*** Opening of Supplied material ***

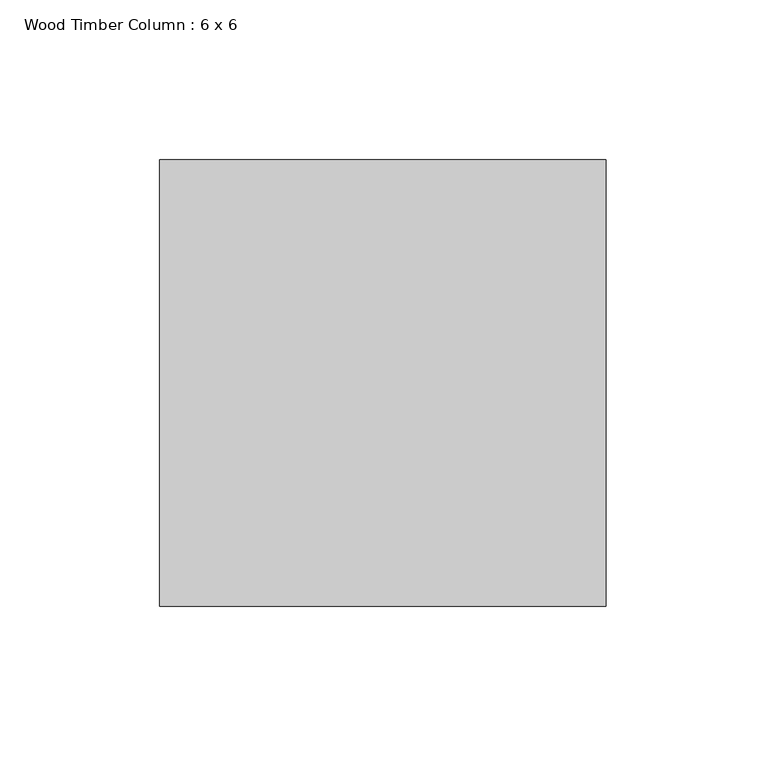
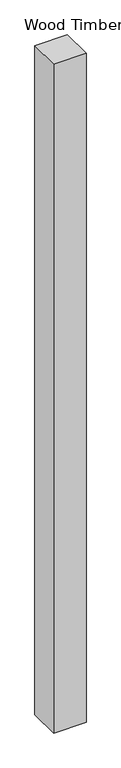
"""IFC4 building model written with IfcOpenShell, lengths in millimetres: column geometry, Wood Timber Column : 6 x 6."""

from ifc_helpers import new_model, si_unit, frame, origin, place, context, project, spatial, polyline, outline, extrude, source, transform, mapped, element, save


def wood_timber_column_6_x_6_20b6f3f8(model_context):
    return source(origin(), model_context, "Body", "SweptSolid", [
        extrude(outline(polyline([(69.85, -69.85), (-69.85, -69.85), (-69.85, 69.85), (69.85, 69.85), (69.85, -69.85)])), frame((0.0, 0.0, 18288.0), z_axis=(0.0, 0.0, 1.0), x_axis=(1.0, 0.0, 0.0)), (0.0, 0.0, 1.0), 3048.0),
    ])


if __name__ == "__main__":
    model = new_model("IFC4")
    model_context = context("Model", 3, world=origin())
    ifc_project = project(units=[si_unit("LENGTHUNIT", "METRE", prefix="MILLI")], contexts=[model_context])
    site = spatial("IfcSite", under=ifc_project)
    building = spatial("IfcBuilding", under=site)
    placement = place(None, origin())
    wood_timber_column_6_x_6_shape = wood_timber_column_6_x_6_20b6f3f8(model_context)
    element("IfcColumn", 1, ObjectType="Wood Timber Column : 6 x 6", at=placement, inside=building, context=model_context, shape_type="MappedRepresentation", body=[
        mapped(wood_timber_column_6_x_6_shape, transform((0.0, 0.0, 0.0), x_axis=(1.0, 0.0, 0.0), y_axis=(0.0, 1.0, 0.0), z_axis=(0.0, 0.0, 1.0))),
    ])
    save(model, "model.ifc")

# Revit data of these elements
# Type "Wood Timber Column : 6 x 6"
#   Assembly Code = "B1010200"
#   Depth = 0' - 5 1/2"
#   Width = 0' - 5 1/2"
#   Material = Softwood, Lumber
# Element 1 (IfcColumn, "Wood Timber Column : 6 x 6")
#   Materials on its faces: "Softwood, Lumber"
# Materials
#   "Softwood, Lumber": class "Wood", colour RGB 223 192 134, transparency 0, Description = "Pinus Echinata", Cost = 0

*** Close of Supplied material ***

Work request –
Using the records above, say how many lines contain the word "Lumber". Write the number alone.

Result for this task –
3